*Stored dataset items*
□ □ □
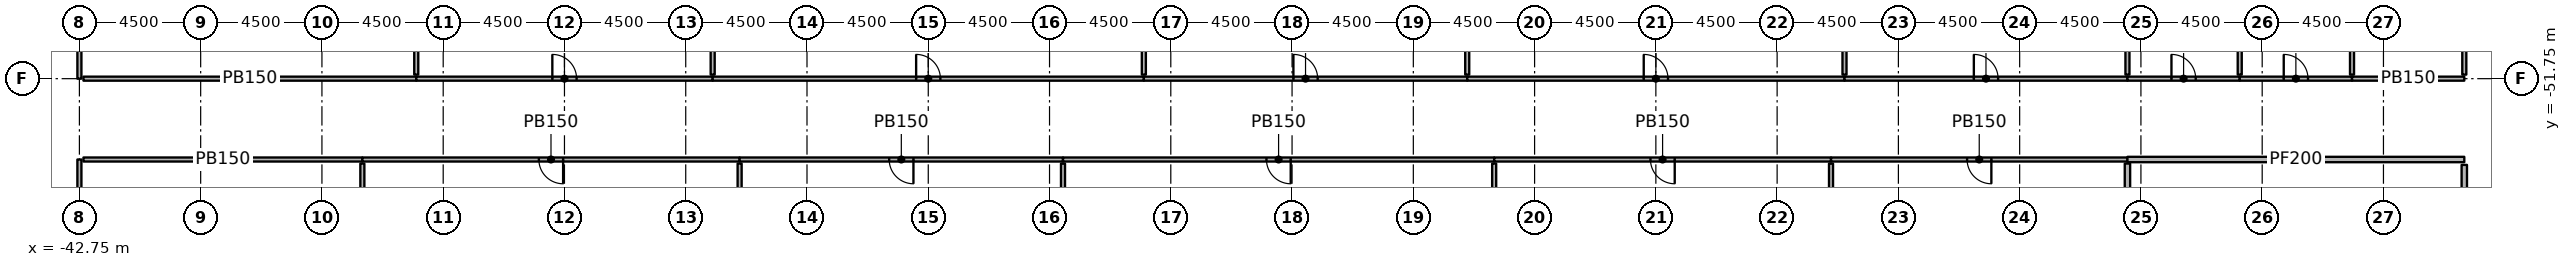
"""IFC4 building model, lengths in metres.
Left out: names, types, materials, properties, quantities, classifications, styles, units other than length and angle.
Written with IfcOpenShell. Run it as: python <this file> out.ifc"""

import sys

from ifc_helpers import new_model, si_unit, direction, frame, frame_2d, origin, place, context, subcontext, project, spatial, rectangle, extrude, element, fill, save


model = new_model("IFC4")
c1 = context("Model", 3, precision=1e-05, world=origin(), true_north=direction((0.0, 1.0)))
c2 = subcontext(c1, "Body", "Model", "MODEL_VIEW")
j1 = project(units=[si_unit("LENGTHUNIT", "METRE"), si_unit("PLANEANGLEUNIT", "RADIAN")], contexts=[c1])
p1 = place(None, origin())
s1 = spatial("IfcSite", under=j1, at=p1, CompositionType="ELEMENT")
p2 = place(p1, origin())
s2 = spatial("IfcBuilding", under=s1, at=p2, CompositionType="ELEMENT")
p3 = place(p2, frame((0.0, 0.0, -4.0)))
s3 = spatial("IfcBuildingStorey", under=s2, at=p3, CompositionType="ELEMENT", Elevation=-4.0)
p4 = place(p3, frame((-42.75, -54.75, 0.0), z_axis=(0.0, 0.0, 1.0), x_axis=(0.0, -1.0, 0.0)))
e1 = element("IfcWall", 1, at=p4, inside=s3, PredefinedType="PARTITIONING", context=c2, shape_type="SweptSolid", body=[
    extrude(rectangle(XDim=15.0, YDim=0.15, at=frame_2d((7.5, 0.0))), origin(), (0.0, 0.0, 1.0), 3.1),
])
p5 = place(p4, frame((7.05, 0.0, 0.0)))
e2 = element("IfcOpeningElement", 2, at=p5, cuts=e1, PredefinedType="OPENING", context=c2, shape_type="SweptSolid", body=[
    extrude(rectangle(XDim=0.9, YDim=2.1, at=frame_2d((0.45, 1.05))), frame((0.0, 0.085, 0.0), z_axis=(0.0, -1.0, 0.0), x_axis=(1.0, 0.0, 0.0)), (0.0, 0.0, 1.0), 0.17),
])
p6 = place(p3, frame((-42.75, -36.75, 0.0), z_axis=(0.0, 0.0, 1.0), x_axis=(0.0, -1.0, 0.0)))
e3 = element("IfcWall", 3, at=p6, inside=s3, PredefinedType="PARTITIONING", context=c2, shape_type="SweptSolid", body=[
    extrude(rectangle(XDim=15.0, YDim=0.15, at=frame_2d((7.5, 0.0))), origin(), (0.0, 0.0, 1.0), 3.1),
])
p7 = place(p6, frame((7.05, 0.0, 0.0)))
e4 = element("IfcOpeningElement", 4, at=p7, cuts=e3, PredefinedType="OPENING", context=c2, shape_type="SweptSolid", body=[
    extrude(rectangle(XDim=0.9, YDim=2.1, at=frame_2d((0.45, 1.05))), frame((0.0, 0.085, 0.0), z_axis=(0.0, -1.0, 0.0), x_axis=(1.0, 0.0, 0.0)), (0.0, 0.0, 1.0), 0.17),
])
p8 = place(p3, frame((-32.25, -54.75, 0.0), z_axis=(0.0, 0.0, 1.0), x_axis=(-1.0, 0.0, 0.0)))
e5 = element("IfcWall", 5, at=p8, inside=s3, PredefinedType="PARTITIONING", context=c2, shape_type="SweptSolid", body=[
    extrude(rectangle(XDim=10.35, YDim=0.15, at=frame_2d((5.175, 0.0))), origin(), (0.0, 0.0, 1.0), 3.1),
])
p9 = place(p3, frame((-18.25, -54.75, 0.0), z_axis=(0.0, 0.0, 1.0), x_axis=(-1.0, 0.0, 0.0)))
e6 = element("IfcWall", 6, at=p9, inside=s3, PredefinedType="PARTITIONING", context=c2, shape_type="SweptSolid", body=[
    extrude(rectangle(XDim=14.0, YDim=0.15, at=frame_2d((7.0, 0.0))), origin(), (0.0, 0.0, 1.0), 3.1),
])
p10 = place(p9, frame((6.55, 0.0, 0.0)))
e7 = element("IfcOpeningElement", 7, at=p10, cuts=e6, PredefinedType="OPENING", context=c2, shape_type="SweptSolid", body=[
    extrude(rectangle(XDim=0.9, YDim=2.1, at=frame_2d((0.45, 1.05))), frame((0.0, 0.085, 0.0), z_axis=(0.0, -1.0, 0.0), x_axis=(1.0, 0.0, 0.0)), (0.0, 0.0, 1.0), 0.17),
])
p11 = place(p3, frame((-6.25, -54.75, 0.0), z_axis=(0.0, 0.0, 1.0), x_axis=(-1.0, 0.0, 0.0)))
e8 = element("IfcWall", 8, at=p11, inside=s3, PredefinedType="PARTITIONING", context=c2, shape_type="SweptSolid", body=[
    extrude(rectangle(XDim=12.0, YDim=0.15, at=frame_2d((6.0, 0.0))), origin(), (0.0, 0.0, 1.0), 3.1),
])
p12 = place(p11, frame((5.55, 0.0, 0.0)))
e9 = element("IfcOpeningElement", 9, at=p12, cuts=e8, PredefinedType="OPENING", context=c2, shape_type="SweptSolid", body=[
    extrude(rectangle(XDim=0.9, YDim=2.1, at=frame_2d((0.45, 1.05))), frame((0.0, 0.085, 0.0), z_axis=(0.0, -1.0, 0.0), x_axis=(1.0, 0.0, 0.0)), (0.0, 0.0, 1.0), 0.17),
])
p13 = place(p3, frame((9.75, -54.75, 0.0), z_axis=(0.0, 0.0, 1.0), x_axis=(-1.0, 0.0, 0.0)))
e10 = element("IfcWall", 10, at=p13, inside=s3, PredefinedType="PARTITIONING", context=c2, shape_type="SweptSolid", body=[
    extrude(rectangle(XDim=16.0, YDim=0.15, at=frame_2d((8.0, 0.0))), origin(), (0.0, 0.0, 1.0), 3.1),
])
p14 = place(p13, frame((7.55, 0.0, 0.0)))
e11 = element("IfcOpeningElement", 11, at=p14, cuts=e10, PredefinedType="OPENING", context=c2, shape_type="SweptSolid", body=[
    extrude(rectangle(XDim=0.9, YDim=2.1, at=frame_2d((0.45, 1.05))), frame((0.0, 0.085, 0.0), z_axis=(0.0, -1.0, 0.0), x_axis=(1.0, 0.0, 0.0)), (0.0, 0.0, 1.0), 0.17),
])
p15 = place(p3, frame((22.25, -54.75, 0.0), z_axis=(0.0, 0.0, 1.0), x_axis=(-1.0, 0.0, 0.0)))
e12 = element("IfcWall", 12, at=p15, inside=s3, PredefinedType="PARTITIONING", context=c2, shape_type="SweptSolid", body=[
    extrude(rectangle(XDim=12.5, YDim=0.15, at=frame_2d((6.25, 0.0))), origin(), (0.0, 0.0, 1.0), 3.1),
])
p16 = place(p15, frame((5.8, 0.0, 0.0)))
e13 = element("IfcOpeningElement", 13, at=p16, cuts=e12, PredefinedType="OPENING", context=c2, shape_type="SweptSolid", body=[
    extrude(rectangle(XDim=0.9, YDim=2.1, at=frame_2d((0.45, 1.05))), frame((0.0, 0.085, 0.0), z_axis=(0.0, -1.0, 0.0), x_axis=(1.0, 0.0, 0.0)), (0.0, 0.0, 1.0), 0.17),
])
p17 = place(p3, frame((33.25, -54.75, 0.0), z_axis=(0.0, 0.0, 1.0), x_axis=(-1.0, 0.0, 0.0)))
e14 = element("IfcWall", 14, at=p17, inside=s3, PredefinedType="PARTITIONING", context=c2, shape_type="SweptSolid", body=[
    extrude(rectangle(XDim=11.0, YDim=0.15, at=frame_2d((5.5, 0.0))), origin(), (0.0, 0.0, 1.0), 3.1),
])
p18 = place(p17, frame((5.05, 0.0, 0.0)))
e15 = element("IfcOpeningElement", 15, at=p18, cuts=e14, PredefinedType="OPENING", context=c2, shape_type="SweptSolid", body=[
    extrude(rectangle(XDim=0.9, YDim=2.1, at=frame_2d((0.45, 1.05))), frame((0.0, 0.085, 0.0), z_axis=(0.0, -1.0, 0.0), x_axis=(1.0, 0.0, 0.0)), (0.0, 0.0, 1.0), 0.17),
])
p19 = place(p3, frame((45.75, -54.75, 0.0), z_axis=(0.0, 0.0, 1.0), x_axis=(-1.0, 0.0, 0.0)))
e16 = element("IfcWall", 16, at=p19, inside=s3, PredefinedType="PARTITIONING", context=c2, shape_type="SweptSolid", body=[
    extrude(rectangle(XDim=12.5, YDim=0.2, at=frame_2d((6.25, 0.0))), origin(), (0.0, 0.0, 1.0), 3.1),
])
p20 = place(p3, frame((-42.6, -51.75, 0.0), z_axis=(0.0, 0.0, 1.0), x_axis=(1.0, 0.0, 0.0)))
e17 = element("IfcWall", 17, at=p20, inside=s3, PredefinedType="PARTITIONING", context=c2, shape_type="SweptSolid", body=[
    extrude(rectangle(XDim=12.35, YDim=0.15, at=frame_2d((6.175, 0.0))), origin(), (0.0, 0.0, 1.0), 3.1),
])
p21 = place(p3, frame((-30.25, -51.75, 0.0), z_axis=(0.0, 0.0, 1.0), x_axis=(1.0, 0.0, 0.0)))
e18 = element("IfcWall", 18, at=p21, inside=s3, PredefinedType="PARTITIONING", context=c2, shape_type="SweptSolid", body=[
    extrude(rectangle(XDim=11.0, YDim=0.15, at=frame_2d((5.5, 0.0))), origin(), (0.0, 0.0, 1.0), 3.1),
])
p22 = place(p21, frame((5.05, 0.0, 0.0)))
e19 = element("IfcOpeningElement", 19, at=p22, cuts=e18, PredefinedType="OPENING", context=c2, shape_type="SweptSolid", body=[
    extrude(rectangle(XDim=0.9, YDim=2.1, at=frame_2d((0.45, 1.05))), frame((0.0, 0.085, 0.0), z_axis=(0.0, -1.0, 0.0), x_axis=(1.0, 0.0, 0.0)), (0.0, 0.0, 1.0), 0.17),
])
p23 = place(p3, frame((-19.25, -51.75, 0.0), z_axis=(0.0, 0.0, 1.0), x_axis=(1.0, 0.0, 0.0)))
e20 = element("IfcWall", 20, at=p23, inside=s3, PredefinedType="PARTITIONING", context=c2, shape_type="SweptSolid", body=[
    extrude(rectangle(XDim=16.0, YDim=0.15, at=frame_2d((8.0, 0.0))), origin(), (0.0, 0.0, 1.0), 3.1),
])
p24 = place(p23, frame((7.55, 0.0, 0.0)))
e21 = element("IfcOpeningElement", 21, at=p24, cuts=e20, PredefinedType="OPENING", context=c2, shape_type="SweptSolid", body=[
    extrude(rectangle(XDim=0.9, YDim=2.1, at=frame_2d((0.45, 1.05))), frame((0.0, 0.085, 0.0), z_axis=(0.0, -1.0, 0.0), x_axis=(1.0, 0.0, 0.0)), (0.0, 0.0, 1.0), 0.17),
])
p25 = place(p3, frame((-3.25, -51.75, 0.0), z_axis=(0.0, 0.0, 1.0), x_axis=(1.0, 0.0, 0.0)))
e22 = element("IfcWall", 22, at=p25, inside=s3, PredefinedType="PARTITIONING", context=c2, shape_type="SweptSolid", body=[
    extrude(rectangle(XDim=12.0, YDim=0.15, at=frame_2d((6.0, 0.0))), origin(), (0.0, 0.0, 1.0), 3.1),
])
p26 = place(p25, frame((5.55, 0.0, 0.0)))
e23 = element("IfcOpeningElement", 23, at=p26, cuts=e22, PredefinedType="OPENING", context=c2, shape_type="SweptSolid", body=[
    extrude(rectangle(XDim=0.9, YDim=2.1, at=frame_2d((0.45, 1.05))), frame((0.0, 0.085, 0.0), z_axis=(0.0, -1.0, 0.0), x_axis=(1.0, 0.0, 0.0)), (0.0, 0.0, 1.0), 0.17),
])
p27 = place(p3, frame((8.75, -51.75, 0.0), z_axis=(0.0, 0.0, 1.0), x_axis=(1.0, 0.0, 0.0)))
e24 = element("IfcWall", 24, at=p27, inside=s3, PredefinedType="PARTITIONING", context=c2, shape_type="SweptSolid", body=[
    extrude(rectangle(XDim=14.0, YDim=0.15, at=frame_2d((7.0, 0.0))), origin(), (0.0, 0.0, 1.0), 3.1),
])
p28 = place(p27, frame((6.55, 0.0, 0.0)))
e25 = element("IfcOpeningElement", 25, at=p28, cuts=e24, PredefinedType="OPENING", context=c2, shape_type="SweptSolid", body=[
    extrude(rectangle(XDim=0.9, YDim=2.1, at=frame_2d((0.45, 1.05))), frame((0.0, 0.085, 0.0), z_axis=(0.0, -1.0, 0.0), x_axis=(1.0, 0.0, 0.0)), (0.0, 0.0, 1.0), 0.17),
])
p29 = place(p3, frame((22.75, -51.75, 0.0), z_axis=(0.0, 0.0, 1.0), x_axis=(1.0, 0.0, 0.0)))
e26 = element("IfcWall", 26, at=p29, inside=s3, PredefinedType="PARTITIONING", context=c2, shape_type="SweptSolid", body=[
    extrude(rectangle(XDim=10.5, YDim=0.15, at=frame_2d((5.25, 0.0))), origin(), (0.0, 0.0, 1.0), 3.1),
])
p30 = place(p29, frame((4.8, 0.0, 0.0)))
e27 = element("IfcOpeningElement", 27, at=p30, cuts=e26, PredefinedType="OPENING", context=c2, shape_type="SweptSolid", body=[
    extrude(rectangle(XDim=0.9, YDim=2.1, at=frame_2d((0.45, 1.05))), frame((0.0, 0.085, 0.0), z_axis=(0.0, -1.0, 0.0), x_axis=(1.0, 0.0, 0.0)), (0.0, 0.0, 1.0), 0.17),
])
p31 = place(p3, frame((33.25, -51.75, 0.0), z_axis=(0.0, 0.0, 1.0), x_axis=(1.0, 0.0, 0.0)))
e28 = element("IfcWall", 28, at=p31, inside=s3, PredefinedType="PARTITIONING", context=c2, shape_type="SweptSolid", body=[
    extrude(rectangle(XDim=4.167, YDim=0.15, at=frame_2d((2.083, 0.0))), origin(), (0.0, 0.0, 1.0), 3.1),
])
p32 = place(p31, frame((1.633, 0.0, 0.0)))
e29 = element("IfcOpeningElement", 29, at=p32, cuts=e28, PredefinedType="OPENING", context=c2, shape_type="SweptSolid", body=[
    extrude(rectangle(XDim=0.9, YDim=2.1, at=frame_2d((0.45, 1.05))), frame((0.0, 0.085, 0.0), z_axis=(0.0, -1.0, 0.0), x_axis=(1.0, 0.0, 0.0)), (0.0, 0.0, 1.0), 0.17),
])
p33 = place(p3, frame((37.417, -51.75, 0.0), z_axis=(0.0, 0.0, 1.0), x_axis=(1.0, 0.0, 0.0)))
e30 = element("IfcWall", 30, at=p33, inside=s3, PredefinedType="PARTITIONING", context=c2, shape_type="SweptSolid", body=[
    extrude(rectangle(XDim=4.167, YDim=0.15, at=frame_2d((2.083, 0.0))), origin(), (0.0, 0.0, 1.0), 3.1),
])
p34 = place(p33, frame((1.633, 0.0, 0.0)))
e31 = element("IfcOpeningElement", 31, at=p34, cuts=e30, PredefinedType="OPENING", context=c2, shape_type="SweptSolid", body=[
    extrude(rectangle(XDim=0.9, YDim=2.1, at=frame_2d((0.45, 1.05))), frame((0.0, 0.085, 0.0), z_axis=(0.0, -1.0, 0.0), x_axis=(1.0, 0.0, 0.0)), (0.0, 0.0, 1.0), 0.17),
])
p35 = place(p3, frame((41.583, -51.75, 0.0), z_axis=(0.0, 0.0, 1.0), x_axis=(1.0, 0.0, 0.0)))
e32 = element("IfcWall", 32, at=p35, inside=s3, PredefinedType="PARTITIONING", context=c2, shape_type="SweptSolid", body=[
    extrude(rectangle(XDim=4.167, YDim=0.15, at=frame_2d((2.083, 0.0))), origin(), (0.0, 0.0, 1.0), 3.1),
])
for number, where, z_axis, x_axis in (
    (33, (-32.25, -54.9, 0.0), (0.0, 0.0, 1.0), (0.0, -1.0, 0.0)),
    (34, (-18.25, -54.9, 0.0), (0.0, 0.0, 1.0), (0.0, -1.0, 0.0)),
    (35, (-6.25, -54.9, 0.0), (0.0, 0.0, 1.0), (0.0, -1.0, 0.0)),
    (36, (9.75, -54.9, 0.0), (0.0, 0.0, 1.0), (0.0, -1.0, 0.0)),
):
    element("IfcWall", number, at=place(p3, frame(where, z_axis=z_axis, x_axis=x_axis)), inside=s3, PredefinedType="PARTITIONING", context=c2, shape_type="SweptSolid", body=[
        extrude(rectangle(XDim=14.85, YDim=0.15, at=frame_2d((7.425, 0.0))), origin(), (0.0, 0.0, 1.0), 3.1),
    ])
p36 = place(p3, frame((22.25, -54.9, 0.0), z_axis=(0.0, 0.0, 1.0), x_axis=(0.0, -1.0, 0.0)))
e37 = element("IfcWall", 37, at=p36, inside=s3, PredefinedType="PARTITIONING", context=c2, shape_type="SweptSolid", body=[
    extrude(rectangle(XDim=6.0, YDim=0.15, at=frame_2d((3.0, 0.0))), origin(), (0.0, 0.0, 1.0), 3.1),
])
p37 = place(p3, frame((33.25, -54.9, 0.0), z_axis=(0.0, 0.0, 1.0), x_axis=(0.0, -1.0, 0.0)))
e38 = element("IfcWall", 38, at=p37, inside=s3, PredefinedType="PARTITIONING", context=c2, shape_type="SweptSolid", body=[
    extrude(rectangle(XDim=14.85, YDim=0.2, at=frame_2d((7.425, 0.0))), origin(), (0.0, 0.0, 1.0), 3.1),
])
p38 = place(p3, frame((45.75, -69.75, 0.0), z_axis=(0.0, 0.0, 1.0), x_axis=(0.0, 1.0, 0.0)))
e39 = element("IfcWall", 39, at=p38, inside=s3, PredefinedType="PARTITIONING", context=c2, shape_type="SweptSolid", body=[
    extrude(rectangle(XDim=14.8, YDim=0.2, at=frame_2d((7.4, 0.0))), origin(), (0.0, 0.0, 1.0), 3.1),
])
p39 = place(p38, frame((6.95, 0.0, 0.0)))
e40 = element("IfcOpeningElement", 40, at=p39, cuts=e39, PredefinedType="OPENING", context=c2, shape_type="SweptSolid", body=[
    extrude(rectangle(XDim=0.9, YDim=2.1, at=frame_2d((0.45, 1.05))), frame((0.0, 0.11, 0.0), z_axis=(0.0, -1.0, 0.0), x_axis=(1.0, 0.0, 0.0)), (0.0, 0.0, 1.0), 0.22),
])
for number, where, z_axis, x_axis in (
    (41, (-30.25, -36.75, 0.0), (0.0, 0.0, 1.0), (0.0, -1.0, 0.0)),
    (42, (-19.25, -36.75, 0.0), (0.0, 0.0, 1.0), (0.0, -1.0, 0.0)),
    (43, (-3.25, -36.75, 0.0), (0.0, 0.0, 1.0), (0.0, -1.0, 0.0)),
    (44, (8.75, -36.75, 0.0), (0.0, 0.0, 1.0), (0.0, -1.0, 0.0)),
):
    element("IfcWall", number, at=place(p3, frame(where, z_axis=z_axis, x_axis=x_axis)), inside=s3, PredefinedType="PARTITIONING", context=c2, shape_type="SweptSolid", body=[
        extrude(rectangle(XDim=14.85, YDim=0.15, at=frame_2d((7.425, 0.0))), origin(), (0.0, 0.0, 1.0), 3.1),
    ])
p40 = place(p3, frame((22.75, -44.1, 0.0), z_axis=(0.0, 0.0, 1.0), x_axis=(0.0, -1.0, 0.0)))
e45 = element("IfcWall", 45, at=p40, inside=s3, PredefinedType="PARTITIONING", context=c2, shape_type="SweptSolid", body=[
    extrude(rectangle(XDim=7.5, YDim=0.15, at=frame_2d((3.75, 0.0))), origin(), (0.0, 0.0, 1.0), 3.1),
])
for number, where, z_axis, x_axis in (
    (46, (33.25, -36.75, 0.0), (0.0, 0.0, 1.0), (0.0, -1.0, 0.0)),
    (47, (37.417, -36.75, 0.0), (0.0, 0.0, 1.0), (0.0, -1.0, 0.0)),
    (48, (41.583, -36.75, 0.0), (0.0, 0.0, 1.0), (0.0, -1.0, 0.0)),
):
    element("IfcWall", number, at=place(p3, frame(where, z_axis=z_axis, x_axis=x_axis)), inside=s3, PredefinedType="PARTITIONING", context=c2, shape_type="SweptSolid", body=[
        extrude(rectangle(XDim=14.85, YDim=0.15, at=frame_2d((7.425, 0.0))), origin(), (0.0, 0.0, 1.0), 3.1),
    ])
p41 = place(p3, frame((45.75, -51.6, 0.0), z_axis=(0.0, 0.0, 1.0), x_axis=(0.0, 1.0, 0.0)))
e49 = element("IfcWall", 49, at=p41, inside=s3, PredefinedType="PARTITIONING", context=c2, shape_type="SweptSolid", body=[
    extrude(rectangle(XDim=14.7, YDim=0.15, at=frame_2d((7.35, 0.0))), origin(), (0.0, 0.0, 1.0), 3.1),
])
p42 = place(p41, frame((6.9, 0.0, 0.0)))
e50 = element("IfcOpeningElement", 50, at=p42, cuts=e49, PredefinedType="OPENING", context=c2, shape_type="SweptSolid", body=[
    extrude(rectangle(XDim=0.9, YDim=2.1, at=frame_2d((0.45, 1.05))), frame((0.0, 0.085, 0.0), z_axis=(0.0, -1.0, 0.0), x_axis=(1.0, 0.0, 0.0)), (0.0, 0.0, 1.0), 0.17),
])
p43 = place(p10, origin())
e51 = element("IfcDoor", 51, at=p43, inside=s3, OperationType="SINGLE_SWING_LEFT", PredefinedType="DOOR", context=c2, shape_type="SweptSolid", body=[
    extrude(rectangle(XDim=0.9, YDim=2.1, at=frame_2d((0.45, 1.05))), frame((0.0, 0.025, 0.0), z_axis=(0.0, -1.0, 0.0), x_axis=(1.0, 0.0, 0.0)), (0.0, 0.0, 1.0), 0.05),
])
fill(e7, e51)
p44 = place(p12, origin())
e52 = element("IfcDoor", 52, at=p44, inside=s3, OperationType="SINGLE_SWING_LEFT", PredefinedType="DOOR", context=c2, shape_type="SweptSolid", body=[
    extrude(rectangle(XDim=0.9, YDim=2.1, at=frame_2d((0.45, 1.05))), frame((0.0, 0.025, 0.0), z_axis=(0.0, -1.0, 0.0), x_axis=(1.0, 0.0, 0.0)), (0.0, 0.0, 1.0), 0.05),
])
fill(e9, e52)
p45 = place(p14, origin())
e53 = element("IfcDoor", 53, at=p45, inside=s3, OperationType="SINGLE_SWING_LEFT", PredefinedType="DOOR", context=c2, shape_type="SweptSolid", body=[
    extrude(rectangle(XDim=0.9, YDim=2.1, at=frame_2d((0.45, 1.05))), frame((0.0, 0.025, 0.0), z_axis=(0.0, -1.0, 0.0), x_axis=(1.0, 0.0, 0.0)), (0.0, 0.0, 1.0), 0.05),
])
fill(e11, e53)
p46 = place(p16, origin())
e54 = element("IfcDoor", 54, at=p46, inside=s3, OperationType="SINGLE_SWING_LEFT", PredefinedType="DOOR", context=c2, shape_type="SweptSolid", body=[
    extrude(rectangle(XDim=0.9, YDim=2.1, at=frame_2d((0.45, 1.05))), frame((0.0, 0.025, 0.0), z_axis=(0.0, -1.0, 0.0), x_axis=(1.0, 0.0, 0.0)), (0.0, 0.0, 1.0), 0.05),
])
fill(e13, e54)
p47 = place(p18, origin())
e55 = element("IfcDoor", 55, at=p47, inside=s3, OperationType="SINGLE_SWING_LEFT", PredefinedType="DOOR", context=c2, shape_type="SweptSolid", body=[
□ □ □
*Task to complete*
Count, in the records above, the lines that contain "project", and write only the resulting number.

*Worked solution*
2